• Records supplied

§

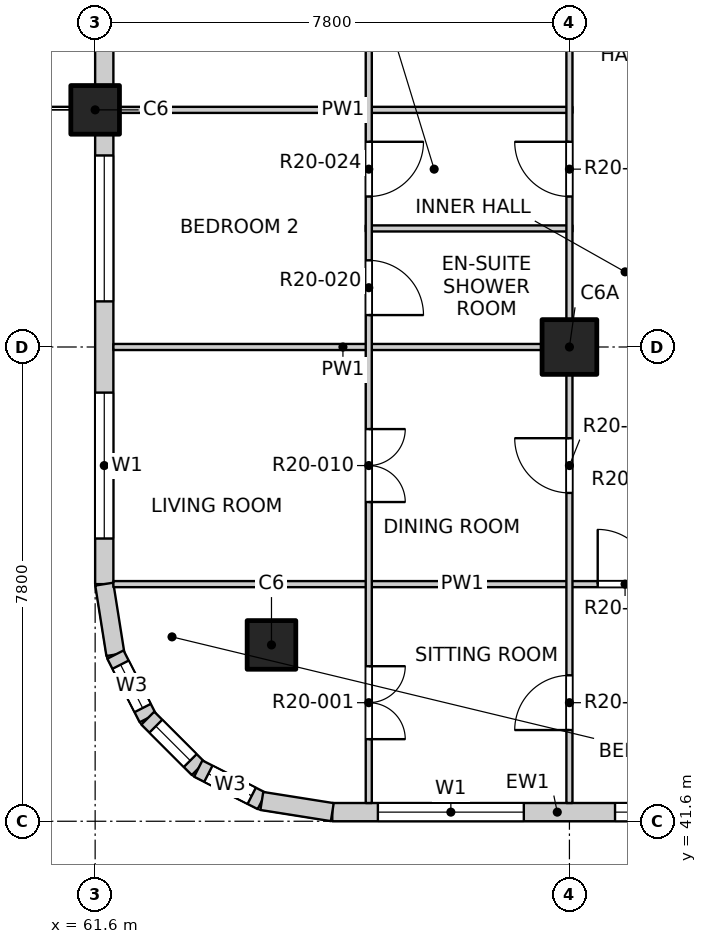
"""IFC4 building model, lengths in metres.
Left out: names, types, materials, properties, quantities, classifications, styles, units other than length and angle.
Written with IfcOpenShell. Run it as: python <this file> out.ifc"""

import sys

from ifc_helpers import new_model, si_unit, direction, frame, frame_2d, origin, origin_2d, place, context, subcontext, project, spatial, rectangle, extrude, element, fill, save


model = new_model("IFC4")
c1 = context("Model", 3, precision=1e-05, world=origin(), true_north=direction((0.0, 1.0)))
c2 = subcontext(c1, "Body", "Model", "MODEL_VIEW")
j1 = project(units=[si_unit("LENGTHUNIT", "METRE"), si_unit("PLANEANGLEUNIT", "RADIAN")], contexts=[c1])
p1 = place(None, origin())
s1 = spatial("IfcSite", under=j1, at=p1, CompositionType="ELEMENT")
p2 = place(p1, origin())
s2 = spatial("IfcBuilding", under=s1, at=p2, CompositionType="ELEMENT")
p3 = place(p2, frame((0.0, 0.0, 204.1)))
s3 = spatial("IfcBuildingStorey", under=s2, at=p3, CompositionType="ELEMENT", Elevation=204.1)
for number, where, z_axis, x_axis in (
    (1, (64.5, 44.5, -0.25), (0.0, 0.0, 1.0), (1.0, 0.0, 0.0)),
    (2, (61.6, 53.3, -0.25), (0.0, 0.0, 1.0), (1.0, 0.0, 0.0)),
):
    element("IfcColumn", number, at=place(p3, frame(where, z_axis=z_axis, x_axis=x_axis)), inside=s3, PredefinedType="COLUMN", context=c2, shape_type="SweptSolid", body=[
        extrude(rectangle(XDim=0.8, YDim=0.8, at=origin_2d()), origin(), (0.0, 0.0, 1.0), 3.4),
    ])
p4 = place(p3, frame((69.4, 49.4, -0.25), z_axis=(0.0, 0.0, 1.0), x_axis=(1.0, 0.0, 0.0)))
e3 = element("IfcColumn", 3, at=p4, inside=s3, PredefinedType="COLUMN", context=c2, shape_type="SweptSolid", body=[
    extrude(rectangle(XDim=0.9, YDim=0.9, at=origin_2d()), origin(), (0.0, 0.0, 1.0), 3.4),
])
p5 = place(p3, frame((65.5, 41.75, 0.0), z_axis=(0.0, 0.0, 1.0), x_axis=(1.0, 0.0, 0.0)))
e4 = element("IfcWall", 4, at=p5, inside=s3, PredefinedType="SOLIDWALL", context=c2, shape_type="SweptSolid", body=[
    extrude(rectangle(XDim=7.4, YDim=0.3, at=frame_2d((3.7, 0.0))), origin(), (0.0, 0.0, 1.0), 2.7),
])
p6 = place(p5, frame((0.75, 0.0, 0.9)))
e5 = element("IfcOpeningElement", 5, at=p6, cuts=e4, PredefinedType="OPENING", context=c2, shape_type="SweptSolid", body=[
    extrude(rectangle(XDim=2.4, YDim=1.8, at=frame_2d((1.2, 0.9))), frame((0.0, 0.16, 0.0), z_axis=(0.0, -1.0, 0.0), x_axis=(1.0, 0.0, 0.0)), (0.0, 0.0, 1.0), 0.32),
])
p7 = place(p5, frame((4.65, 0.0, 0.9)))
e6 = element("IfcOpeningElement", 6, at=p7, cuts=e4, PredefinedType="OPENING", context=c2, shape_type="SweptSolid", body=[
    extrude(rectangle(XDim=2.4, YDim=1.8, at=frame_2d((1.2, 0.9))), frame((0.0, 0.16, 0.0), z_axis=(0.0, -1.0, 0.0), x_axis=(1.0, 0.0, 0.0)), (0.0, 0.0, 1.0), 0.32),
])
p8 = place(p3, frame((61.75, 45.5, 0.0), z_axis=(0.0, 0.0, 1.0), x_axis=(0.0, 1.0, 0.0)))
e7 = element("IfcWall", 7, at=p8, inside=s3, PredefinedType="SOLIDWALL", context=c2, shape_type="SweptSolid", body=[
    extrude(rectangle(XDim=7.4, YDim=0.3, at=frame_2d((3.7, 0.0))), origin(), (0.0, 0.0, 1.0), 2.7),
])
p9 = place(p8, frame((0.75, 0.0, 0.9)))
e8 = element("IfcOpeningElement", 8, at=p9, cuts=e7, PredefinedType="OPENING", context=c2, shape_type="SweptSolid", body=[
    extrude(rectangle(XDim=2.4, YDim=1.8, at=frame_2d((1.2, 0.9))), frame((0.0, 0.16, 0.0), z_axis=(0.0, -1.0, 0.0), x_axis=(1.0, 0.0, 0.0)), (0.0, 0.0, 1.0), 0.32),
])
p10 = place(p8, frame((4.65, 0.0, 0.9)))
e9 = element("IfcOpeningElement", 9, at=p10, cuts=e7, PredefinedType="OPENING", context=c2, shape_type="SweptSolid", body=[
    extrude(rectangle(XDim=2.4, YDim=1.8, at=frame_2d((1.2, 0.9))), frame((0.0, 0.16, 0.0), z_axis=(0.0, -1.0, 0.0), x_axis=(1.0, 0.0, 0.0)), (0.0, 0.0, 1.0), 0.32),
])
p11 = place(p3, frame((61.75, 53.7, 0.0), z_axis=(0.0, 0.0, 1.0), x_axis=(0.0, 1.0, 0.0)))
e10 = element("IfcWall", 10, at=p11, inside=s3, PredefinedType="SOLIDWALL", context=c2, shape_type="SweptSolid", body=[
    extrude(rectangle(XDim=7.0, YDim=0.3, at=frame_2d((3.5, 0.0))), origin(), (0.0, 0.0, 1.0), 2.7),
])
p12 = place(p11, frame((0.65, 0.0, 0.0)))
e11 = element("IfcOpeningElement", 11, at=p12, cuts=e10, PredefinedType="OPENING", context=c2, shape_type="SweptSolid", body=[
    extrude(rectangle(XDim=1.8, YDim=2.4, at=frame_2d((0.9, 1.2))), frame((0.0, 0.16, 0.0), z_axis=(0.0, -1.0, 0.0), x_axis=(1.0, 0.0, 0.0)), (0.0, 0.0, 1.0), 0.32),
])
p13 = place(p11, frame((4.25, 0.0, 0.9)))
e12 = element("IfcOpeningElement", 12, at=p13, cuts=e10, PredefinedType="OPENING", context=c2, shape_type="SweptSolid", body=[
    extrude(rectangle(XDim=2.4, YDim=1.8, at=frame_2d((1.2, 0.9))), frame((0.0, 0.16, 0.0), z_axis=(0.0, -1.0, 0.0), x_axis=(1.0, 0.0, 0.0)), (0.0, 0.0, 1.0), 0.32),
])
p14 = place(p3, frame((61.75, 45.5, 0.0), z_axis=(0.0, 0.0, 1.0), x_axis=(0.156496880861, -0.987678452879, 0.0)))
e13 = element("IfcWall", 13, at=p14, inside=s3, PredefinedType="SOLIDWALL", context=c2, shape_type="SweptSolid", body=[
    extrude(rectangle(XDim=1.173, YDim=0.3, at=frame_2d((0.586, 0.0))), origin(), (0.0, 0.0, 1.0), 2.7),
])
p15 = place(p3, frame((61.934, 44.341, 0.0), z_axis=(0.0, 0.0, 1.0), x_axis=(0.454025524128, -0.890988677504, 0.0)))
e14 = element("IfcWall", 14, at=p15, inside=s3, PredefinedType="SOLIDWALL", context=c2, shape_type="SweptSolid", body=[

§

• Task requirements
Report each line in the entries where the string "import" occurs.

• Answer below
import sys
from ifc_helpers import new_model, si_unit, direction, frame, frame_2d, origin, origin_2d, place, context, subcontext, project, spatial, rectangle, extrude, element, fill, save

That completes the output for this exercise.